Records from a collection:
________
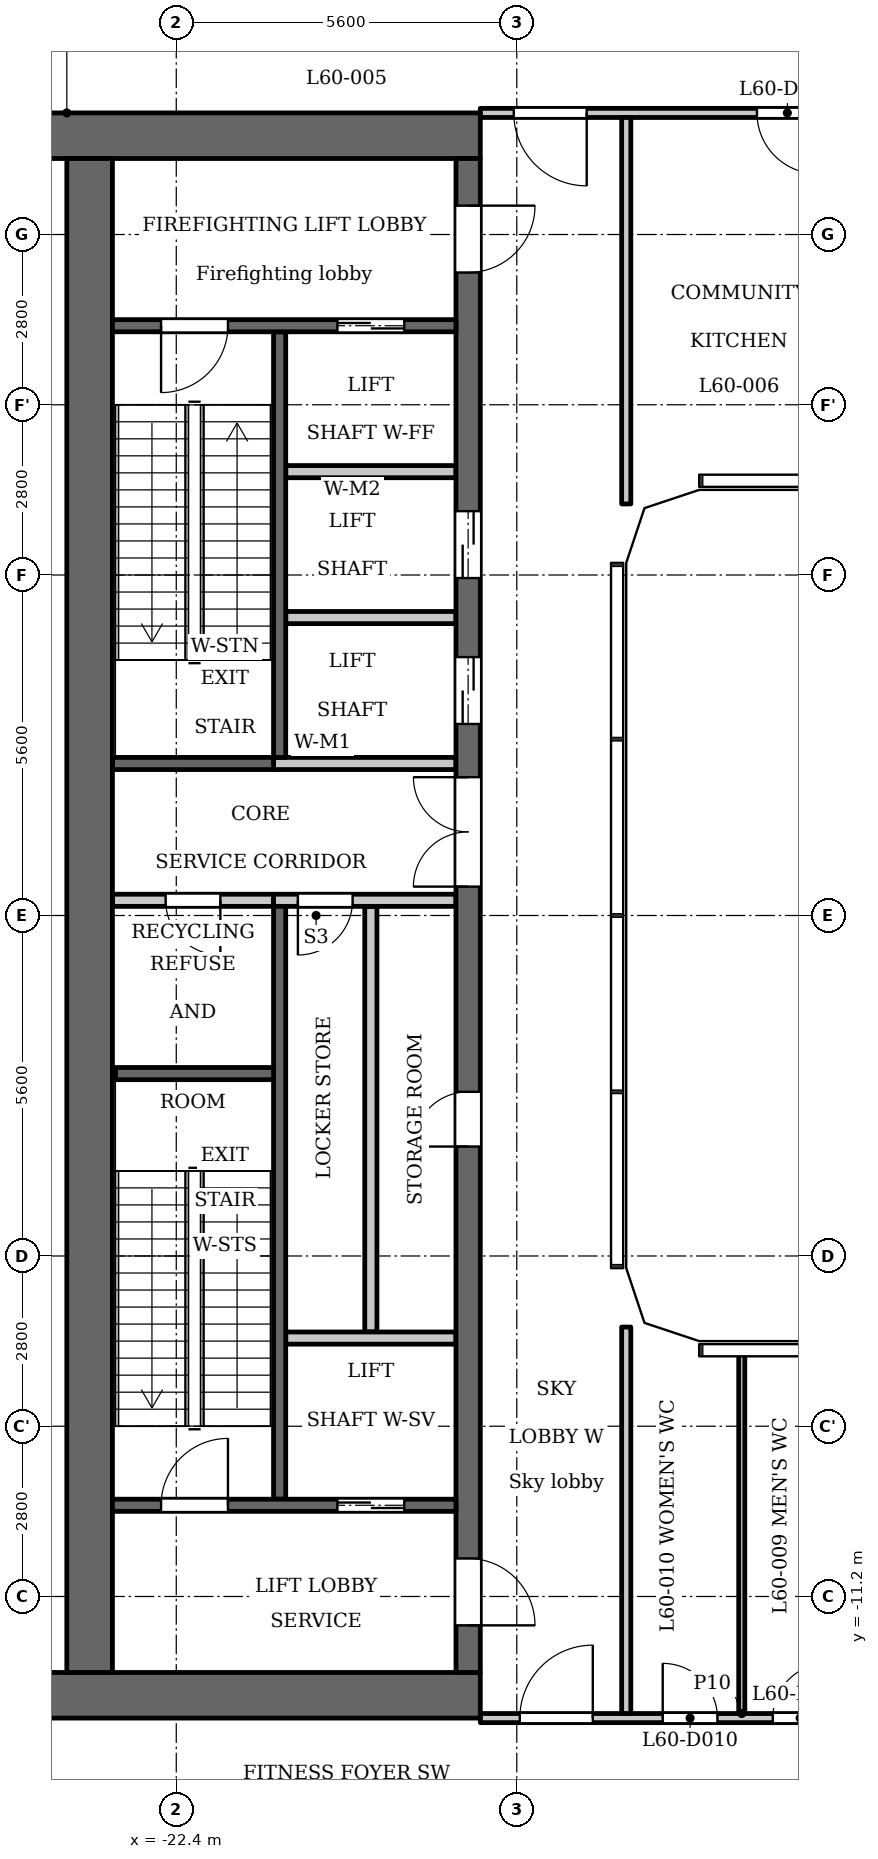
"""IFC4 building model, lengths in metres.
Left out: names, types, materials, properties, quantities, classifications, styles, units other than length and angle.
Written with IfcOpenShell. Run it as: python <this file> out.ifc"""

import sys

from ifc_helpers import new_model, si_unit, direction, frame, frame_2d, origin, place, context, subcontext, project, spatial, polyline, rectangle, outline, extrude, element, fill, save


model = new_model("IFC4")
c1 = context("Model", 3, precision=1e-05, world=origin(), true_north=direction((0.0, 1.0)))
c2 = subcontext(c1, "Body", "Model", "MODEL_VIEW")
j1 = project(units=[si_unit("LENGTHUNIT", "METRE"), si_unit("PLANEANGLEUNIT", "RADIAN")], contexts=[c1])
p1 = place(None, origin())
s1 = spatial("IfcSite", under=j1, at=p1, CompositionType="ELEMENT")
p2 = place(p1, origin())
s2 = spatial("IfcBuilding", under=s1, at=p2, CompositionType="ELEMENT")
p3 = place(p2, frame((0.0, 0.0, 230.9)))
s3 = spatial("IfcBuildingStorey", under=s2, at=p3, CompositionType="ELEMENT", Elevation=230.9)
p4 = place(p3, frame((-20.7, 2.6, 0.0), z_axis=(0.0, 0.0, 1.0), x_axis=(0.0, 1.0, 0.0)))
e1 = element("IfcWall", 1, at=p4, inside=s3, PredefinedType="SHEAR", context=c2, shape_type="SweptSolid", body=[
    extrude(rectangle(XDim=7.0, YDim=0.2, at=frame_2d((3.5, 0.0))), origin(), (0.0, 0.0, 1.0), 4.95),
])
p5 = place(p3, frame((-20.7, -9.6, 0.0), z_axis=(0.0, 0.0, 1.0), x_axis=(0.0, 1.0, 0.0)))
e2 = element("IfcWall", 2, at=p5, inside=s3, PredefinedType="SHEAR", context=c2, shape_type="SweptSolid", body=[
    extrude(rectangle(XDim=9.75, YDim=0.2, at=frame_2d((4.875, 0.0))), origin(), (0.0, 0.0, 1.0), 4.95),
])
p6 = place(p3, frame((-20.8, 2.5, 0.0), z_axis=(0.0, 0.0, 1.0), x_axis=(-1.0, 0.0, 0.0)))
e3 = element("IfcWall", 3, at=p6, inside=s3, PredefinedType="SHEAR", context=c2, shape_type="SweptSolid", body=[
    extrude(rectangle(XDim=2.65, YDim=0.2, at=frame_2d((1.325, 0.0))), origin(), (0.0, 0.0, 1.0), 4.95),
])
p7 = place(p3, frame((-20.8, 0.25, 0.0), z_axis=(0.0, 0.0, 1.0), x_axis=(-1.0, 0.0, 0.0)))
e4 = element("IfcWall", 4, at=p7, inside=s3, PredefinedType="PARTITIONING", context=c2, shape_type="SweptSolid", body=[
    extrude(rectangle(XDim=2.65, YDim=0.2, at=frame_2d((1.325, 0.0))), origin(), (0.0, 0.0, 1.0), 4.95),
])
p8 = place(p7, frame((0.875, 0.0, 0.0)))
e5 = element("IfcOpeningElement", 5, at=p8, cuts=e4, PredefinedType="OPENING", context=c2, shape_type="SweptSolid", body=[
    extrude(rectangle(XDim=0.9, YDim=2.1, at=frame_2d((0.45, 1.05))), frame((0.0, 0.11, 0.0), z_axis=(0.0, -1.0, 0.0), x_axis=(1.0, 0.0, 0.0)), (0.0, 0.0, 1.0), 0.22),
])
for number, where, z_axis, x_axis in (
    (6, (-17.4, 12.825, 0.0), (0.0, 0.0, 1.0), (-1.0, 0.0, 0.0)),
    (7, (-17.4, -12.825, 0.0), (0.0, 0.0, 1.0), (-1.0, 0.0, 0.0)),
):
    element("IfcWall", number, at=place(p3, frame(where, z_axis=z_axis, x_axis=x_axis)), inside=s3, PredefinedType="SHEAR", context=c2, shape_type="SweptSolid", body=[
        extrude(rectangle(XDim=7.6, YDim=0.75, at=frame_2d((3.8, 0.0))), origin(), (0.0, 0.0, 1.0), 4.95),
    ])
p9 = place(p3, frame((-19.2, -6.85, 0.0), z_axis=(0.0, 0.0, 1.0), x_axis=(0.0, 1.0, 0.0)))
e8 = element("IfcWall", 8, at=p9, inside=s3, PredefinedType="PARTITIONING", context=c2, shape_type="SweptSolid", body=[
    extrude(rectangle(XDim=7.0, YDim=0.2, at=frame_2d((3.5, 0.0))), origin(), (0.0, 0.0, 1.0), 4.95),
])
p10 = place(p3, frame((-17.6, -12.45, 0.0), z_axis=(0.0, 0.0, 1.0), x_axis=(0.0, 1.0, 0.0)))
e9 = element("IfcWall", 9, at=p10, inside=s3, PredefinedType="SHEAR", context=c2, shape_type="SweptSolid", body=[
    extrude(rectangle(XDim=24.9, YDim=0.4, at=frame_2d((12.45, 0.0))), origin(), (0.0, 0.0, 1.0), 4.95),
])
p11 = place(p10, frame((8.65, 0.0, 0.0)))
e10 = element("IfcOpeningElement", 10, at=p11, cuts=e9, PredefinedType="OPENING", context=c2, shape_type="SweptSolid", body=[
    extrude(rectangle(XDim=0.9, YDim=2.1, at=frame_2d((0.45, 1.05))), frame((0.0, 0.21, 0.0), z_axis=(0.0, -1.0, 0.0), x_axis=(1.0, 0.0, 0.0)), (0.0, 0.0, 1.0), 0.42),
])
p12 = place(p10, frame((15.6, 0.0, 0.0)))
e11 = element("IfcOpeningElement", 11, at=p12, cuts=e9, PredefinedType="OPENING", context=c2, shape_type="SweptSolid", body=[
    extrude(rectangle(XDim=1.1, YDim=2.1, at=frame_2d((0.55, 1.05))), frame((0.0, 0.21, 0.0), z_axis=(0.0, -1.0, 0.0), x_axis=(1.0, 0.0, 0.0)), (0.0, 0.0, 1.0), 0.42),
])
p13 = place(p10, frame((18.0, 0.0, 0.0)))
e12 = element("IfcOpeningElement", 12, at=p13, cuts=e9, PredefinedType="OPENING", context=c2, shape_type="SweptSolid", body=[
    extrude(rectangle(XDim=1.1, YDim=2.1, at=frame_2d((0.55, 1.05))), frame((0.0, 0.21, 0.0), z_axis=(0.0, -1.0, 0.0), x_axis=(1.0, 0.0, 0.0)), (0.0, 0.0, 1.0), 0.42),
])
p14 = place(p10, frame((23.025, 0.0, 0.0)))
e13 = element("IfcOpeningElement", 13, at=p14, cuts=e9, PredefinedType="OPENING", context=c2, shape_type="SweptSolid", body=[
    extrude(rectangle(XDim=1.1, YDim=2.1, at=frame_2d((0.55, 1.05))), frame((0.0, 0.21, 0.0), z_axis=(0.0, -1.0, 0.0), x_axis=(1.0, 0.0, 0.0)), (0.0, 0.0, 1.0), 0.42),
])
p15 = place(p10, frame((0.775, 0.0, 0.0)))
e14 = element("IfcOpeningElement", 14, at=p15, cuts=e9, PredefinedType="OPENING", context=c2, shape_type="SweptSolid", body=[
    extrude(rectangle(XDim=1.1, YDim=2.1, at=frame_2d((0.55, 1.05))), frame((0.0, 0.21, 0.0), z_axis=(0.0, -1.0, 0.0), x_axis=(1.0, 0.0, 0.0)), (0.0, 0.0, 1.0), 0.42),
])
p16 = place(p10, frame((12.925, 0.0, 0.0)))
e15 = element("IfcOpeningElement", 15, at=p16, cuts=e9, PredefinedType="OPENING", context=c2, shape_type="SweptSolid", body=[
    extrude(rectangle(XDim=1.8, YDim=2.1, at=frame_2d((0.9, 1.05))), frame((0.0, 0.21, 0.0), z_axis=(0.0, -1.0, 0.0), x_axis=(1.0, 0.0, 0.0)), (0.0, 0.0, 1.0), 0.42),
])
p17 = place(p3, frame((-23.825, -12.45, 0.0), z_axis=(0.0, 0.0, 1.0), x_axis=(0.0, 1.0, 0.0)))
e16 = element("IfcWall", 16, at=p17, inside=s3, PredefinedType="SHEAR", context=c2, shape_type="SweptSolid", body=[
    extrude(rectangle(XDim=24.9, YDim=0.75, at=frame_2d((12.45, 0.0))), origin(), (0.0, 0.0, 1.0), 4.95),
])
p18 = place(p3, frame((-17.8, -9.7, 0.0), z_axis=(0.0, 0.0, 1.0), x_axis=(-1.0, 0.0, 0.0)))
e17 = element("IfcWall", 17, at=p18, inside=s3, PredefinedType="SHEAR", context=c2, shape_type="SweptSolid", body=[
    extrude(rectangle(XDim=5.65, YDim=0.2, at=frame_2d((2.825, 0.0))), origin(), (0.0, 0.0, 1.0), 4.95),
])
p19 = place(p18, frame((0.85, 0.0, 0.0)))
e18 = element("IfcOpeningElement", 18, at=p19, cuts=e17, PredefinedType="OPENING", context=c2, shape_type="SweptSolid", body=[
________
Instructions to follow: Lines with "number": return each one from the data above.

Exercise output:
for number, where, z_axis, x_axis in (
    element("IfcWall", number, at=place(p3, frame(where, z_axis=z_axis, x_axis=x_axis)), inside=s3, PredefinedType="SHEAR", context=c2, shape_type="SweptSolid", body=[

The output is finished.